EXCERPTED RECORDS
________________________________________

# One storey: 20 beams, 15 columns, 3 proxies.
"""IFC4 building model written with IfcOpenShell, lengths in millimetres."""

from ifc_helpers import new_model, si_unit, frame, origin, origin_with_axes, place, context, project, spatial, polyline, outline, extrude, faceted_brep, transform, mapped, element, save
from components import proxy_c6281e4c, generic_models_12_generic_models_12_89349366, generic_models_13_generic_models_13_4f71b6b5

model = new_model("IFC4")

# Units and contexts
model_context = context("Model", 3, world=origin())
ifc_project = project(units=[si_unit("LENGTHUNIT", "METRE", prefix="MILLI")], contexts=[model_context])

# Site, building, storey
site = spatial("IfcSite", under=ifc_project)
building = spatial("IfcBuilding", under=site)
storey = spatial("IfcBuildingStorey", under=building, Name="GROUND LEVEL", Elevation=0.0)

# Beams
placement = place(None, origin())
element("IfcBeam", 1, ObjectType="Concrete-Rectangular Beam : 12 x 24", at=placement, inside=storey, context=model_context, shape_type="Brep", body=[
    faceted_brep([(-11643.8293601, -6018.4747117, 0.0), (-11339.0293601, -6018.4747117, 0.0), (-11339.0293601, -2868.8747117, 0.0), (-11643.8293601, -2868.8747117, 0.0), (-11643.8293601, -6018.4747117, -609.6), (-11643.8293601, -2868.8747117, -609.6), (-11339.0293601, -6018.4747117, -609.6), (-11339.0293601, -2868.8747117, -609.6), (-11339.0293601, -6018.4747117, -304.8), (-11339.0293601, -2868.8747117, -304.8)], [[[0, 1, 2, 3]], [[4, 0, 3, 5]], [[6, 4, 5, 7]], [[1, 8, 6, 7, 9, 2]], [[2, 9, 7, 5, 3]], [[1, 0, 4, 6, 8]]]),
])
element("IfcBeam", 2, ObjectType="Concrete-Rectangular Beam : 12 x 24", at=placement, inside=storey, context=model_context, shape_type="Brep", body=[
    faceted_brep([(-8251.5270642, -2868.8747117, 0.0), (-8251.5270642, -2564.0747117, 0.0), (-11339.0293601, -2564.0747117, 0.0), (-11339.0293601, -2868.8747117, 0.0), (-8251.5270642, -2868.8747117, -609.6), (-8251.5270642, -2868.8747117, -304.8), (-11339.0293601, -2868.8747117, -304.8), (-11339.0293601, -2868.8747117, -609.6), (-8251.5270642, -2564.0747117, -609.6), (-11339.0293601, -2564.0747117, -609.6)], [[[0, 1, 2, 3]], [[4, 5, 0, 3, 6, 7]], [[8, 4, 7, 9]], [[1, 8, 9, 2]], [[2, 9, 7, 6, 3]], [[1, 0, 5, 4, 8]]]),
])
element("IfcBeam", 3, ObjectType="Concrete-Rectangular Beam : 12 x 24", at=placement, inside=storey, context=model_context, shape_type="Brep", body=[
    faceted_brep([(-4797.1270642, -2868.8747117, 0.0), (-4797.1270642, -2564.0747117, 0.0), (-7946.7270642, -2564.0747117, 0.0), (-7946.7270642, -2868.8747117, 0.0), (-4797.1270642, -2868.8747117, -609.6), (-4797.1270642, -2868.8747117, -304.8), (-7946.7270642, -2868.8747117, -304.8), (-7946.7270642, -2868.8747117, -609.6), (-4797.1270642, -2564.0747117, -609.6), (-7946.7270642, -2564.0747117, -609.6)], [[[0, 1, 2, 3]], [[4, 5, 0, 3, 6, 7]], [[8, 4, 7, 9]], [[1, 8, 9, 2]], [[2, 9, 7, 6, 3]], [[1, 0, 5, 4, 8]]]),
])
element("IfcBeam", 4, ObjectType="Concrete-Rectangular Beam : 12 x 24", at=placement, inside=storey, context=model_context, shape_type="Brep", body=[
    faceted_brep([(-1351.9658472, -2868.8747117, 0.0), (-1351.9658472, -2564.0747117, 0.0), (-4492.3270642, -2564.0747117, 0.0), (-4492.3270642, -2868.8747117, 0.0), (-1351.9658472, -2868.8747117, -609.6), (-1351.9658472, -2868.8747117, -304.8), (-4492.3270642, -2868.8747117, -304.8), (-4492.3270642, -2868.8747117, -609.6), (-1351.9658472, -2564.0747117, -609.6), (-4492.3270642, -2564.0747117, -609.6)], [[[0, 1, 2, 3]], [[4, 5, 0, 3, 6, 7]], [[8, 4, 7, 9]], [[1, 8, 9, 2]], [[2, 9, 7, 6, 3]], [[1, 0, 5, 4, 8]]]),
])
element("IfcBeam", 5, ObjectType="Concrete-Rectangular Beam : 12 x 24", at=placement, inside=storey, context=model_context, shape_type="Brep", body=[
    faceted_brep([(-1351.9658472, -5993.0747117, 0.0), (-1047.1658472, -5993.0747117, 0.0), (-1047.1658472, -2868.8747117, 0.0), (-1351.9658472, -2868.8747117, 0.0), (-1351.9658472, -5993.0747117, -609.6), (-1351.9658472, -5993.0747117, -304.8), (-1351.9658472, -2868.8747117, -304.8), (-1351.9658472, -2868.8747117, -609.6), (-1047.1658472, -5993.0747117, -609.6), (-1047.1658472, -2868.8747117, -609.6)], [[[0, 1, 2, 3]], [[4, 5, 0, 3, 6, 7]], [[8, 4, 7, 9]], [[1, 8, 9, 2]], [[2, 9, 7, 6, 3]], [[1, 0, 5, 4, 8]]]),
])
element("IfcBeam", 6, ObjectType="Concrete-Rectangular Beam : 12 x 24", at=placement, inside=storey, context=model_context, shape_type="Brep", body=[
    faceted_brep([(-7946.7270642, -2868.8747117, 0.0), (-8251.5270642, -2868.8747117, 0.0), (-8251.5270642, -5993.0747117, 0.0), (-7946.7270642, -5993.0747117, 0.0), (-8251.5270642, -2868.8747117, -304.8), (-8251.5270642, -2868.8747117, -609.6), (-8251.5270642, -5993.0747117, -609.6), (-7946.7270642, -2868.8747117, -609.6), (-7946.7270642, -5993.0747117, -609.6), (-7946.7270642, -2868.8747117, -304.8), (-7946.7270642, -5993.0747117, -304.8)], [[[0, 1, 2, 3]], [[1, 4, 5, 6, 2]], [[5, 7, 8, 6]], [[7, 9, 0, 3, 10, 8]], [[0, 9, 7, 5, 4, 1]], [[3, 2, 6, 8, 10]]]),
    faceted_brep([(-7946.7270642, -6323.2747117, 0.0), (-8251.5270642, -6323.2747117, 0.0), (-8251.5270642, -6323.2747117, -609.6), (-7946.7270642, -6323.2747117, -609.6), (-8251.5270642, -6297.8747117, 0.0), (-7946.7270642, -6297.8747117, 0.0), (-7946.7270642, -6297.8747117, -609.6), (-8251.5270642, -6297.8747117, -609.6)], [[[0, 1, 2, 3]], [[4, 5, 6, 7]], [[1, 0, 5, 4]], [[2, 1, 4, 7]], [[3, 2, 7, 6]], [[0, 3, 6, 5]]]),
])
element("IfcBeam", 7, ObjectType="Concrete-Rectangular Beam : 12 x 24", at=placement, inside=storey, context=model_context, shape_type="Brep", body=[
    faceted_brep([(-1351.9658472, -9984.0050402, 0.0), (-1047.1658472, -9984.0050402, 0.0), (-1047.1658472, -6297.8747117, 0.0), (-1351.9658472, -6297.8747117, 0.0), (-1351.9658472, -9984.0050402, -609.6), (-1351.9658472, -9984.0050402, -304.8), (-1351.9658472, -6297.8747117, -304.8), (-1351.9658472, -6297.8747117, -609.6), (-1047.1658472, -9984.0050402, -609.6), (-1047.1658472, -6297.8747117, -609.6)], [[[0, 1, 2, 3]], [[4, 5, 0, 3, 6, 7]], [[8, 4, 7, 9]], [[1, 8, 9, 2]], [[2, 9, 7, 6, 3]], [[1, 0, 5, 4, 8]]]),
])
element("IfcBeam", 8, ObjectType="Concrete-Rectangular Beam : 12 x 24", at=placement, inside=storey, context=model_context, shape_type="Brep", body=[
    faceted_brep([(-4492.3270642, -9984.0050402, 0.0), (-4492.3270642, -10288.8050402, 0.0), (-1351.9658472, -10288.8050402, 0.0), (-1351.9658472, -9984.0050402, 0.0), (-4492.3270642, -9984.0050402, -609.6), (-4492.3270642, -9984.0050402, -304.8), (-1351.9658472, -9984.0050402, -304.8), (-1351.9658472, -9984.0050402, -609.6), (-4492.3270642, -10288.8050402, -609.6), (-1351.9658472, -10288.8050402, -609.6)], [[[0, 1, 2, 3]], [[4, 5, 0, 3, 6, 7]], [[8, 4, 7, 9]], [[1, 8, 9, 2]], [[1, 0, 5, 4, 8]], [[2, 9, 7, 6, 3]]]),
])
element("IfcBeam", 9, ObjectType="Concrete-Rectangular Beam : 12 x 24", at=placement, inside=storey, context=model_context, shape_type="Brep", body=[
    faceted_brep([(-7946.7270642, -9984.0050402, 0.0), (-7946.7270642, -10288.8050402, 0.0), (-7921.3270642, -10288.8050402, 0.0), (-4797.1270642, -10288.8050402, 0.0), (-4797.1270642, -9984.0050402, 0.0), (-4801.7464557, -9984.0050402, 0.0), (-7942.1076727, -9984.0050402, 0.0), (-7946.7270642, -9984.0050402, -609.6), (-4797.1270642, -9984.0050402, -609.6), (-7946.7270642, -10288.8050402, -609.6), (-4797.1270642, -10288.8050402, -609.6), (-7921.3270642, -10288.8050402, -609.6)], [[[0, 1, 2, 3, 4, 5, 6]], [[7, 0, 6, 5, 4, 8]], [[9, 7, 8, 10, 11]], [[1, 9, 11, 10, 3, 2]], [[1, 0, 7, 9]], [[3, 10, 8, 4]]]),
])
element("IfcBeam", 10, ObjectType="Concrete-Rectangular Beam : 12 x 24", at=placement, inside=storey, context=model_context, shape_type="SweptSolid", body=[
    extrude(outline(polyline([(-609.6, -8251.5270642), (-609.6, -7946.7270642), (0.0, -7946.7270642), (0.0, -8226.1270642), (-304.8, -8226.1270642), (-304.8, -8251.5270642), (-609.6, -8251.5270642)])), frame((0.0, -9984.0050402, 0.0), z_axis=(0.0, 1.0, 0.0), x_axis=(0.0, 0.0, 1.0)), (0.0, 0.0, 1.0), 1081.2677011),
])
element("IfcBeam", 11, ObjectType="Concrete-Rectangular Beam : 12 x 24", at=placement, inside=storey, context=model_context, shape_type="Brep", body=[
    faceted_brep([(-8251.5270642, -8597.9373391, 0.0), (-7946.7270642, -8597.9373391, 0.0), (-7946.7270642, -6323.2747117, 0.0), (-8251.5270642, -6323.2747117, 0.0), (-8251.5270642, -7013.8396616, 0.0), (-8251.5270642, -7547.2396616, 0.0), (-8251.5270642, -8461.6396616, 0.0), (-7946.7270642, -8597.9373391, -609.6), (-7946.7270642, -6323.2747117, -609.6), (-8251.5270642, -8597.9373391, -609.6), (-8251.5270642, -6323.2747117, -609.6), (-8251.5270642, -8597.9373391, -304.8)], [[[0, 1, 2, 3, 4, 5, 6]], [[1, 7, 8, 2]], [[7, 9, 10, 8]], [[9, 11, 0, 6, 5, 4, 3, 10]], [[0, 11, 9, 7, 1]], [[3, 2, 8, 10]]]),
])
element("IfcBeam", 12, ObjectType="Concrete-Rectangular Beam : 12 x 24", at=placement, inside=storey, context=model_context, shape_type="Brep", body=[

________________________________________

AIM OF THE TASK
In the records above, find each line with the string "import" and list it.

ANSWER TO THIS EXERCISE
from ifc_helpers import new_model, si_unit, frame, origin, origin_with_axes, place, context, project, spatial, polyline, outline, extrude, faceted_brep, transform, mapped, element, save
from components import proxy_c6281e4c, generic_models_12_generic_models_12_89349366, generic_models_13_generic_models_13_4f71b6b5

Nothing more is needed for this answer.